_YOUR OBJECTIVE_
Going from the top of the listing below to the line that holds "2.4, 0.0), z_axis=(0.0, 0.0, 1.0), x_axis=(1.0, 0.0, 0.0)))", reproduce each line exactly; no pictures.

# # # # # # #

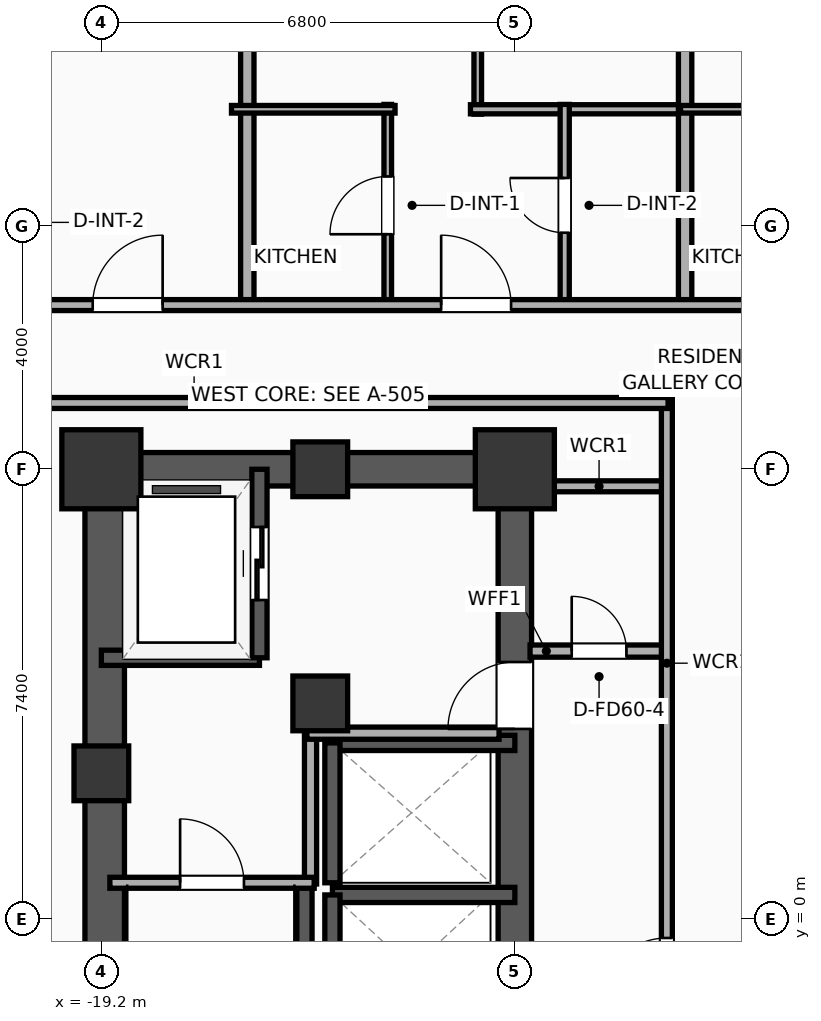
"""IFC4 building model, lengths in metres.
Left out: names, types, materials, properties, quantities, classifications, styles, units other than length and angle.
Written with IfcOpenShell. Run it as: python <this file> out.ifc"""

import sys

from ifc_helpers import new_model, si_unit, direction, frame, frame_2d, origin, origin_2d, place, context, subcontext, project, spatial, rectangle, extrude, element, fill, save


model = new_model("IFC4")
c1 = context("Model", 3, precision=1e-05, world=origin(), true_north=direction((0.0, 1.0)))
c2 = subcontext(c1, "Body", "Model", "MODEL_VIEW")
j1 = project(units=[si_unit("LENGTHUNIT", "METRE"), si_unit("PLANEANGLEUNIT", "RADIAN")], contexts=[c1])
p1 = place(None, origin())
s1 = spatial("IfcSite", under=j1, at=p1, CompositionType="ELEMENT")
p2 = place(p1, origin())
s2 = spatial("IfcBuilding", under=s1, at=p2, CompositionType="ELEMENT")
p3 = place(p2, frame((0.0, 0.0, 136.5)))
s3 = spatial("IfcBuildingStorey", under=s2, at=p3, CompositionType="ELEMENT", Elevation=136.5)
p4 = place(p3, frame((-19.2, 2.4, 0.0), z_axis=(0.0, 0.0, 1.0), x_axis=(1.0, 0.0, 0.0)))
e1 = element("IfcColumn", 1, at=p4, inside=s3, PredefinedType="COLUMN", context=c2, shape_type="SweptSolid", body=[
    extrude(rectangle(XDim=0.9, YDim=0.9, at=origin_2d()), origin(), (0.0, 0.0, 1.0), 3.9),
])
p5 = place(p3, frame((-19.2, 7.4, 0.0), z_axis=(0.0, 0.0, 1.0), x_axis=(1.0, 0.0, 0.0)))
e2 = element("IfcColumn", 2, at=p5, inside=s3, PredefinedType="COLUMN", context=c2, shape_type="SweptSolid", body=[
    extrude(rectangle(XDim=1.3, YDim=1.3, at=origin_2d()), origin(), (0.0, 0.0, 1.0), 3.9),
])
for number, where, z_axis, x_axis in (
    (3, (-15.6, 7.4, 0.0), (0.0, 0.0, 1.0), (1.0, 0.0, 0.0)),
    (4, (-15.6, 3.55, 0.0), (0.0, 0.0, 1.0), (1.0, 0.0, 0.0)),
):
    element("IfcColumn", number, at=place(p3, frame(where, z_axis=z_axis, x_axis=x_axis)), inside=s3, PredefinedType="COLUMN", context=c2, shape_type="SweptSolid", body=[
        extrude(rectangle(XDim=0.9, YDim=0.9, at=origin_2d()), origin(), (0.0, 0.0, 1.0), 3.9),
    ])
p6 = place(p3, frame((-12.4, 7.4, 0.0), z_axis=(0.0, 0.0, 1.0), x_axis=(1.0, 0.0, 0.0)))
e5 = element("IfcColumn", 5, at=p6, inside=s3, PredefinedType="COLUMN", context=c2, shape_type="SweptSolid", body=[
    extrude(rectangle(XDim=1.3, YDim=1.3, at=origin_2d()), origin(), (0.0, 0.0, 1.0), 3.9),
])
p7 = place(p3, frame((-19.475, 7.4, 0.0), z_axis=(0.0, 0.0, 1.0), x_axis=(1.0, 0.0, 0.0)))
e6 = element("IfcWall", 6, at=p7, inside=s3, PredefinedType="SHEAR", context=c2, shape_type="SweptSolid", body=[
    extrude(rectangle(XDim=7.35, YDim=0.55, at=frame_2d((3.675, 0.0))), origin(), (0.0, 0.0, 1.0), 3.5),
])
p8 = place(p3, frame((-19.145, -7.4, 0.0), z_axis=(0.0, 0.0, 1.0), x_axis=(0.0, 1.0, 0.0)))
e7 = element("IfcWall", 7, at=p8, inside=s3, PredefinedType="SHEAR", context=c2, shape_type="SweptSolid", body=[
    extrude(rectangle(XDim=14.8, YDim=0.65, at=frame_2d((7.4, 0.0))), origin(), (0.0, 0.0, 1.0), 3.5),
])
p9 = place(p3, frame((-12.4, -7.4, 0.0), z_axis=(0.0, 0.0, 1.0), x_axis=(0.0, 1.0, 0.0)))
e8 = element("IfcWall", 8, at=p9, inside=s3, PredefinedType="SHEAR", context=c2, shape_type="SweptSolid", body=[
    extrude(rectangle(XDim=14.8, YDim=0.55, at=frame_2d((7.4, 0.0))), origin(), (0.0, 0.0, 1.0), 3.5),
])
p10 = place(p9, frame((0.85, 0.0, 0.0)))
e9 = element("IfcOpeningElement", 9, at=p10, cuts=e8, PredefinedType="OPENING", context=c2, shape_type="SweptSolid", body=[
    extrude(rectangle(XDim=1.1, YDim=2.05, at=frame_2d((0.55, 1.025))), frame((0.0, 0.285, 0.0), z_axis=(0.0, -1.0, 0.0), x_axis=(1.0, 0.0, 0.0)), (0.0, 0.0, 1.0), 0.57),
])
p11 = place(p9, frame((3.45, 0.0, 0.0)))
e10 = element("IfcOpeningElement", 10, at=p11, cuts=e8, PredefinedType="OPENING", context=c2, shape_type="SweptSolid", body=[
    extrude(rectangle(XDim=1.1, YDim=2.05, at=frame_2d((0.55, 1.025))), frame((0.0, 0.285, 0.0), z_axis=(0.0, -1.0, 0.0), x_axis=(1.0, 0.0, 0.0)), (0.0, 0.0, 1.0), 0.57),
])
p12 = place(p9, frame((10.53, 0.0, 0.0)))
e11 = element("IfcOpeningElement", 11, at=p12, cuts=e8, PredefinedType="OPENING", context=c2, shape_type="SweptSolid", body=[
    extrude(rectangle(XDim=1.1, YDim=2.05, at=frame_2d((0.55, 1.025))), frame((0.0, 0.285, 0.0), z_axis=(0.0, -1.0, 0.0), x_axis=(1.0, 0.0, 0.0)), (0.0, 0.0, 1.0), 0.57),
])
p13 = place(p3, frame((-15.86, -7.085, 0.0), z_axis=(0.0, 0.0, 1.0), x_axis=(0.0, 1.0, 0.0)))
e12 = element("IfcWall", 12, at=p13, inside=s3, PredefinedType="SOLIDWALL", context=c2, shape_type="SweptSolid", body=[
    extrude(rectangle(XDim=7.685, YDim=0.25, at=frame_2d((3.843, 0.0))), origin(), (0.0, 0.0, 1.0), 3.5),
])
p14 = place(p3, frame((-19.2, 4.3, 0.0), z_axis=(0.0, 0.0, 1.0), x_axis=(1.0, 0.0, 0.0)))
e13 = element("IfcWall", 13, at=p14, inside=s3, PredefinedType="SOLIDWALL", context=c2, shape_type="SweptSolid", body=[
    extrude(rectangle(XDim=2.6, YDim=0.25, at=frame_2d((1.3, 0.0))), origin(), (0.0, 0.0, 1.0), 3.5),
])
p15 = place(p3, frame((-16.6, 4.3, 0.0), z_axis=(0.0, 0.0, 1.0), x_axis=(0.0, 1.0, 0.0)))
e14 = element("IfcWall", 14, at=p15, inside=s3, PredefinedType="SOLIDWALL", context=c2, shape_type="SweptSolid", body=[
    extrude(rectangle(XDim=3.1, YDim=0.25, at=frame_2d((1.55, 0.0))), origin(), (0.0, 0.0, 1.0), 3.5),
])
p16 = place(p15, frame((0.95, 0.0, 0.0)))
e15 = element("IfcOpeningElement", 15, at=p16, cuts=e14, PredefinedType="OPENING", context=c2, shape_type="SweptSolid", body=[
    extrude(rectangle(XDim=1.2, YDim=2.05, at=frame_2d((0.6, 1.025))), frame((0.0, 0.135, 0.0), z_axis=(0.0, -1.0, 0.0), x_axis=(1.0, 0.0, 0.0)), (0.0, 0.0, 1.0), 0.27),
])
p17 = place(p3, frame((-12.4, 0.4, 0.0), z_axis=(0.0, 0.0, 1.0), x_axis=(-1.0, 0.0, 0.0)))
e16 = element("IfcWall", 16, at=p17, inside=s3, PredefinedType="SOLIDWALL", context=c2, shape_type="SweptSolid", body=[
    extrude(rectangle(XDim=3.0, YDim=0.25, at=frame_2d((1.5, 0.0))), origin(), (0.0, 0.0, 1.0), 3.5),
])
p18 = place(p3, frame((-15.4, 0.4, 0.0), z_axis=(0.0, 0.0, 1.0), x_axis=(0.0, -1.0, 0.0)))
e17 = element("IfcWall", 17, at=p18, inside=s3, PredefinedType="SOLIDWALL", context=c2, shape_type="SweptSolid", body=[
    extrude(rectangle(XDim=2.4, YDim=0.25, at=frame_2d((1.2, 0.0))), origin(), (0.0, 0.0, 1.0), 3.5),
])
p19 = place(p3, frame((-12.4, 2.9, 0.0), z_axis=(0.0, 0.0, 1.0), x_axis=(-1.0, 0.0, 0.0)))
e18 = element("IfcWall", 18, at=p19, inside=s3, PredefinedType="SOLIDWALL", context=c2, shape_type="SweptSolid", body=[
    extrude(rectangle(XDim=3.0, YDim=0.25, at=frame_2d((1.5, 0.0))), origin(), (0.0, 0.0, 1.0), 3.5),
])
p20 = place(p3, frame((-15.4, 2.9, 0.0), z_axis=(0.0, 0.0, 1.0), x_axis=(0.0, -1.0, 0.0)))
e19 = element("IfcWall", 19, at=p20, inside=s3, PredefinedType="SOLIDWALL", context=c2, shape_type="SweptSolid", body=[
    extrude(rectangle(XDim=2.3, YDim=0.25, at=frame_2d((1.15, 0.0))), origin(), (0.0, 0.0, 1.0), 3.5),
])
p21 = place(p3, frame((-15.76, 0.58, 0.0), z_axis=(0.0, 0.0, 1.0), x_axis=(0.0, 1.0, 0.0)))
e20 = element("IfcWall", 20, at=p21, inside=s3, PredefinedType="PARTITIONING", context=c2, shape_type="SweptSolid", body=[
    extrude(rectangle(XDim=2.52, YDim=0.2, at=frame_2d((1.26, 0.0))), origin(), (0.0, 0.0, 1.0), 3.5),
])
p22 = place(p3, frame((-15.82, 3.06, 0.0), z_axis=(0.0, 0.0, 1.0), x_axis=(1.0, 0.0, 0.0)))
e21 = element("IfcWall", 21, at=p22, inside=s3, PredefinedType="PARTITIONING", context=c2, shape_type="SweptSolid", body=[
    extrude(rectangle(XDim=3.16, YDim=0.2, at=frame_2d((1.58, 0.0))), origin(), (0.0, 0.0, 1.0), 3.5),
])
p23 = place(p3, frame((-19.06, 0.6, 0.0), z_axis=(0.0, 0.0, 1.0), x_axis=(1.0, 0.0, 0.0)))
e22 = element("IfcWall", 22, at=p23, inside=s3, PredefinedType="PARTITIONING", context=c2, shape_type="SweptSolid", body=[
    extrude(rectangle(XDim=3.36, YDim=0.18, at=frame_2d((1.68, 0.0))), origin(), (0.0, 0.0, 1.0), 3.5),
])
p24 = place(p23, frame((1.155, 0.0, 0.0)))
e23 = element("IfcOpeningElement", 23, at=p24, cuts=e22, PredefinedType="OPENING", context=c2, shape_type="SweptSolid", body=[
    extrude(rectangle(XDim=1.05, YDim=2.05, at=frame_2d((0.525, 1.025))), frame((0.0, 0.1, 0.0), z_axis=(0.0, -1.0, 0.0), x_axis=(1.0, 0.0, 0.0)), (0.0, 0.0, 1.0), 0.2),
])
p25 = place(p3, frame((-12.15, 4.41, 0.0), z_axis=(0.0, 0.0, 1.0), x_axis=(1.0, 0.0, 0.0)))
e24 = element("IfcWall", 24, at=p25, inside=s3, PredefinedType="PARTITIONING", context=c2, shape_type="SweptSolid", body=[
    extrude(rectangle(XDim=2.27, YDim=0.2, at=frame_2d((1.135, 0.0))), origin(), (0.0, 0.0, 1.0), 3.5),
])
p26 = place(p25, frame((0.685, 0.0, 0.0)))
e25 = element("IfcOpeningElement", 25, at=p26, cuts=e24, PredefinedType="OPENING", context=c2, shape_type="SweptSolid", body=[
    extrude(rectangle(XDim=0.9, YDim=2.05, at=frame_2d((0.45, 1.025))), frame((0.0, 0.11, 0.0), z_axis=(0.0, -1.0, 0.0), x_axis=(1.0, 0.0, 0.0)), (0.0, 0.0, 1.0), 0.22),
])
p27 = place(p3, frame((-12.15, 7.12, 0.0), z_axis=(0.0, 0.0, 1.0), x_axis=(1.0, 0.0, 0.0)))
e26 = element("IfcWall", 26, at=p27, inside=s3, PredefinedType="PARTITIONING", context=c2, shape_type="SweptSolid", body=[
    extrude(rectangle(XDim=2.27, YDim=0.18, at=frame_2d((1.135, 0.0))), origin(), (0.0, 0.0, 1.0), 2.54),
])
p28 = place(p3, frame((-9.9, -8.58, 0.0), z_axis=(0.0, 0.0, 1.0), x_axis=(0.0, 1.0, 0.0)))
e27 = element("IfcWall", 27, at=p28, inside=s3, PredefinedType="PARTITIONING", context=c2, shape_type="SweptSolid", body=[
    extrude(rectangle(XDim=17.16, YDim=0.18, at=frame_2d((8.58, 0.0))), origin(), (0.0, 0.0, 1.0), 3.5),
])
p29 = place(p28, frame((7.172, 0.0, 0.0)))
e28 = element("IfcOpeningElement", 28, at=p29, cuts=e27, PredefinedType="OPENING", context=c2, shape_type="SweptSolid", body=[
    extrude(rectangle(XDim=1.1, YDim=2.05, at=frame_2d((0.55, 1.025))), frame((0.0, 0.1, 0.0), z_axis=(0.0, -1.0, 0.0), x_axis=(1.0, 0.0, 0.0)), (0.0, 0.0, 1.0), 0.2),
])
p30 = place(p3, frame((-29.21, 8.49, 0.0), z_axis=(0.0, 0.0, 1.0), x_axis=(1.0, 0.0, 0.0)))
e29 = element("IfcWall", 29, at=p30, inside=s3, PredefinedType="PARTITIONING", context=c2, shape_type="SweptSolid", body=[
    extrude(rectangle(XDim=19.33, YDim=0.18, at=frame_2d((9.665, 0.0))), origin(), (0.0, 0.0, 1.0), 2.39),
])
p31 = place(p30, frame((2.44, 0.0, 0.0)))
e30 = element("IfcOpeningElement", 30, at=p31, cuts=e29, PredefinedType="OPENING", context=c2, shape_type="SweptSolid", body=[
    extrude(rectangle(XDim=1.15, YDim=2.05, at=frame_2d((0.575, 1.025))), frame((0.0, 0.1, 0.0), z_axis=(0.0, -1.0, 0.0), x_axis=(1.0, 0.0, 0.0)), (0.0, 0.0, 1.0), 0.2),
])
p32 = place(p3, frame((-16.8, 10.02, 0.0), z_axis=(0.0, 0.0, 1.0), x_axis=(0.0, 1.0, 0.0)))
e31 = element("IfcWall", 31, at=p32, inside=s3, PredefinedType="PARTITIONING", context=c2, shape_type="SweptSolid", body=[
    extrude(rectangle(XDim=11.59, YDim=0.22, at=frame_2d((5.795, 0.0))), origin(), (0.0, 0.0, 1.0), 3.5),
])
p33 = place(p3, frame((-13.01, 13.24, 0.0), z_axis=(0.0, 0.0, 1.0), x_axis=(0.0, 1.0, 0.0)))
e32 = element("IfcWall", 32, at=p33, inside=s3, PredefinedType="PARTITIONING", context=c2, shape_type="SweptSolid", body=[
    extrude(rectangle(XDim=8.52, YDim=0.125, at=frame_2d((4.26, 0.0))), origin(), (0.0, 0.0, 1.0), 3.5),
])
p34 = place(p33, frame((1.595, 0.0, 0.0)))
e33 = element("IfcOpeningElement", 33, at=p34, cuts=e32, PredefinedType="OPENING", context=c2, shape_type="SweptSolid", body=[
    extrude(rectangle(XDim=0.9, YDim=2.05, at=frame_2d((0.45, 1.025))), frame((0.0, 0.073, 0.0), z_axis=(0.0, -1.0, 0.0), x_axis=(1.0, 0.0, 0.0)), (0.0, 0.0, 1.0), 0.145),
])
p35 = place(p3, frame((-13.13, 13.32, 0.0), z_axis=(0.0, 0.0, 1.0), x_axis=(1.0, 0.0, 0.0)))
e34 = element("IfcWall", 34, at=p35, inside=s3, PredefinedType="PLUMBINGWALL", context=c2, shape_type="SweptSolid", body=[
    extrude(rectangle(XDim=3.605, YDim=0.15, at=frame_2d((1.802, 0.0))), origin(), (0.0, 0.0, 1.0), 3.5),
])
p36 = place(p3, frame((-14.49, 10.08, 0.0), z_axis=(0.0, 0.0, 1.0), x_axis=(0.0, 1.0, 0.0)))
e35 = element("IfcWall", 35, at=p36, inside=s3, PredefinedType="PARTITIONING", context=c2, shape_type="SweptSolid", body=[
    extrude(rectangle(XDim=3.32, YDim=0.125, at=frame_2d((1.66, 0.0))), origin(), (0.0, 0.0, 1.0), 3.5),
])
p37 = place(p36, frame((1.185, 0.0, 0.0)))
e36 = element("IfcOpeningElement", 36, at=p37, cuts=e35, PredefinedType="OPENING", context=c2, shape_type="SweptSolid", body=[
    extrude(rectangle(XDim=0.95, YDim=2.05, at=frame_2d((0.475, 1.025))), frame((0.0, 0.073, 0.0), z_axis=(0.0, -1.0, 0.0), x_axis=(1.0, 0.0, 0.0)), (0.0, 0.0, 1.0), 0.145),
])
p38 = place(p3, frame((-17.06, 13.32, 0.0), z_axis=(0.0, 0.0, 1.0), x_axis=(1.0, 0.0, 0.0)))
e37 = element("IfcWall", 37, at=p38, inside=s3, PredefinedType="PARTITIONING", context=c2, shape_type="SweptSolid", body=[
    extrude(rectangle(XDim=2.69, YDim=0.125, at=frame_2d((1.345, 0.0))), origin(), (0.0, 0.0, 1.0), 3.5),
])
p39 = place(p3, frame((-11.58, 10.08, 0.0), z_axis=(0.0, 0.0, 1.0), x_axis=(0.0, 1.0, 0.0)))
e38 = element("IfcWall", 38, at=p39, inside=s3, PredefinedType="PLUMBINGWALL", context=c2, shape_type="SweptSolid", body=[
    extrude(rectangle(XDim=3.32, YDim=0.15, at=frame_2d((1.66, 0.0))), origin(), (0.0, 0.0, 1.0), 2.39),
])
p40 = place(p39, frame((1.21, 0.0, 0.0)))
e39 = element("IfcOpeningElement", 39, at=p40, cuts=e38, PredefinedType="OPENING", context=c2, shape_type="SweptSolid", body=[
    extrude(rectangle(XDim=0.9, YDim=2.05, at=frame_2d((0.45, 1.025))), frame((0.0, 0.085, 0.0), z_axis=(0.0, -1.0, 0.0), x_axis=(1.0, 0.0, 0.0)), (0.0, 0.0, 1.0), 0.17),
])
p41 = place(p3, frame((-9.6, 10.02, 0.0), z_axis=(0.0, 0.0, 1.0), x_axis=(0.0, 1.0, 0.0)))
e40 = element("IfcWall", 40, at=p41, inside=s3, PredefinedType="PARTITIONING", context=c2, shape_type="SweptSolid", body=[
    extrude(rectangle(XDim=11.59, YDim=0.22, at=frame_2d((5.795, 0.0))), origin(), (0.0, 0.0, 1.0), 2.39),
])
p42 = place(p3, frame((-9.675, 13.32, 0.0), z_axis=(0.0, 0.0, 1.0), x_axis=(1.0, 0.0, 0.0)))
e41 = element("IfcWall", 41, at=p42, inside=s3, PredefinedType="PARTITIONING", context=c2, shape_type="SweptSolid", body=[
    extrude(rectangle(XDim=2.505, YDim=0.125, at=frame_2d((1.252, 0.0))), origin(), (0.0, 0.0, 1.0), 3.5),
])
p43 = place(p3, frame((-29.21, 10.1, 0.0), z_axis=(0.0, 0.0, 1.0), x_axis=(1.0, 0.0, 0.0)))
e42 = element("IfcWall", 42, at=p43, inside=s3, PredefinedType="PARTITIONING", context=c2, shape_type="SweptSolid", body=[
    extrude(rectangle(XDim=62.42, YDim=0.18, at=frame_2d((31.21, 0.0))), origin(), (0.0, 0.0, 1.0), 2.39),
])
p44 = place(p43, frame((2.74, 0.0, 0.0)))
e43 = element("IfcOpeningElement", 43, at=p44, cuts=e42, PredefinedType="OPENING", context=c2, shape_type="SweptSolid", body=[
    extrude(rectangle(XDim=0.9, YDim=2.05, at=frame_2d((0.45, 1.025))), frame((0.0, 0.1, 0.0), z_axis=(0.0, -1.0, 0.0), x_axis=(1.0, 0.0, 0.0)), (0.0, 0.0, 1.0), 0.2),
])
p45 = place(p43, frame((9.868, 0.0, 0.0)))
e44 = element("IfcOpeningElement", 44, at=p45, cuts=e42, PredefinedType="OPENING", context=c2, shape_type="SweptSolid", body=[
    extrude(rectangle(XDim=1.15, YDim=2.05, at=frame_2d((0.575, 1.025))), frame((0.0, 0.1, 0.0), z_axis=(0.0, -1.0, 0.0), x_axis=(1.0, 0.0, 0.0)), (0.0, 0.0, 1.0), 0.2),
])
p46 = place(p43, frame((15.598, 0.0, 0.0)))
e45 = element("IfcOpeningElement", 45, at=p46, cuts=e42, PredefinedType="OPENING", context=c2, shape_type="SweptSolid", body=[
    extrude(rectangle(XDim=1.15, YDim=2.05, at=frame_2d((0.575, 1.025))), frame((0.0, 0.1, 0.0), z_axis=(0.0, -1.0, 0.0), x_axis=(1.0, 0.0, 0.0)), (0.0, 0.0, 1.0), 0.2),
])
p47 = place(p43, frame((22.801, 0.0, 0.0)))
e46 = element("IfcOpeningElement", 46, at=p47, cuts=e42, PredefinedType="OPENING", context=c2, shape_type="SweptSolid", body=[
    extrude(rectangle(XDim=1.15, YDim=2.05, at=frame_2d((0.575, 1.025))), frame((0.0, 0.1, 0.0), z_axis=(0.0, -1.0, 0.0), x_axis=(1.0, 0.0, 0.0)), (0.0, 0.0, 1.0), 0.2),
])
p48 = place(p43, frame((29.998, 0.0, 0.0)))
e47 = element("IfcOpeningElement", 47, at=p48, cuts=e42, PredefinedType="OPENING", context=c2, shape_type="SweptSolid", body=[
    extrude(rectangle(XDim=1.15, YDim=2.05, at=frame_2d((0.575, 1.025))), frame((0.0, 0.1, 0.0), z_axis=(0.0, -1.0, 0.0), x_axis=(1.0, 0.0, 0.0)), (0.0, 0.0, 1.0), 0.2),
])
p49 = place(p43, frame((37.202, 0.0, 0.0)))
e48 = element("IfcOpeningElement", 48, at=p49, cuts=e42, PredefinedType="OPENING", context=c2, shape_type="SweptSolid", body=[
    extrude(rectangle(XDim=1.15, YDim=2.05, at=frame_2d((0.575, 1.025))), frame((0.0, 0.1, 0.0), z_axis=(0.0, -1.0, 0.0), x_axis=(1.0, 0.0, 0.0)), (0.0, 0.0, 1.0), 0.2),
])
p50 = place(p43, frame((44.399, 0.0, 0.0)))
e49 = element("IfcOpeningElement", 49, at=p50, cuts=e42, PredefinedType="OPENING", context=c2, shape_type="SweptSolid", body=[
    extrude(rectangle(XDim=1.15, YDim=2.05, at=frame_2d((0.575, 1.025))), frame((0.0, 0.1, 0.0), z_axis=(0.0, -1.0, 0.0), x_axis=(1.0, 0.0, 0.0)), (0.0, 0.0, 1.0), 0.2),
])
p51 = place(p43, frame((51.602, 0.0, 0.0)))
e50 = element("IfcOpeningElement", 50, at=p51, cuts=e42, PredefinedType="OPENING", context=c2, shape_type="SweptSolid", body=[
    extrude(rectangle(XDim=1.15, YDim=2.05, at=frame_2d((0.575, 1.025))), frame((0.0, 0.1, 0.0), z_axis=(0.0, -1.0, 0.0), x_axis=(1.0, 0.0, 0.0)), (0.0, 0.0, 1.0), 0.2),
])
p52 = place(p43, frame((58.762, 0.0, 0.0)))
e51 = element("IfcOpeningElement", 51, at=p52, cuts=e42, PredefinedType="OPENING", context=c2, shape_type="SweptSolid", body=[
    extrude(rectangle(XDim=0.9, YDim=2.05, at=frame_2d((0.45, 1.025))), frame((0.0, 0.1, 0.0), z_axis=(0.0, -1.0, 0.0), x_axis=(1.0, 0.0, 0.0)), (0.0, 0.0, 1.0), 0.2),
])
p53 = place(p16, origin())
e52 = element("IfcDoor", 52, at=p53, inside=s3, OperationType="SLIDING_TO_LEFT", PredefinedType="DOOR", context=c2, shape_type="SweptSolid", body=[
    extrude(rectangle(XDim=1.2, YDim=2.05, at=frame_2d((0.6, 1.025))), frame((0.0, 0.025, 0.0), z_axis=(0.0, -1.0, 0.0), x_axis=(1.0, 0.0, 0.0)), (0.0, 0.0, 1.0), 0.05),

# # # # # # #

_EXERCISE OUTPUT_
"""IFC4 building model, lengths in metres.
Left out: names, types, materials, properties, quantities, classifications, styles, units other than length and angle.
Written with IfcOpenShell. Run it as: python <this file> out.ifc"""

import sys

from ifc_helpers import new_model, si_unit, direction, frame, frame_2d, origin, origin_2d, place, context, subcontext, project, spatial, rectangle, extrude, element, fill, save


model = new_model("IFC4")
c1 = context("Model", 3, precision=1e-05, world=origin(), true_north=direction((0.0, 1.0)))
c2 = subcontext(c1, "Body", "Model", "MODEL_VIEW")
j1 = project(units=[si_unit("LENGTHUNIT", "METRE"), si_unit("PLANEANGLEUNIT", "RADIAN")], contexts=[c1])
p1 = place(None, origin())
s1 = spatial("IfcSite", under=j1, at=p1, CompositionType="ELEMENT")
p2 = place(p1, origin())
s2 = spatial("IfcBuilding", under=s1, at=p2, CompositionType="ELEMENT")
p3 = place(p2, frame((0.0, 0.0, 136.5)))
s3 = spatial("IfcBuildingStorey", under=s2, at=p3, CompositionType="ELEMENT", Elevation=136.5)
p4 = place(p3, frame((-19.2, 2.4, 0.0), z_axis=(0.0, 0.0, 1.0), x_axis=(1.0, 0.0, 0.0)))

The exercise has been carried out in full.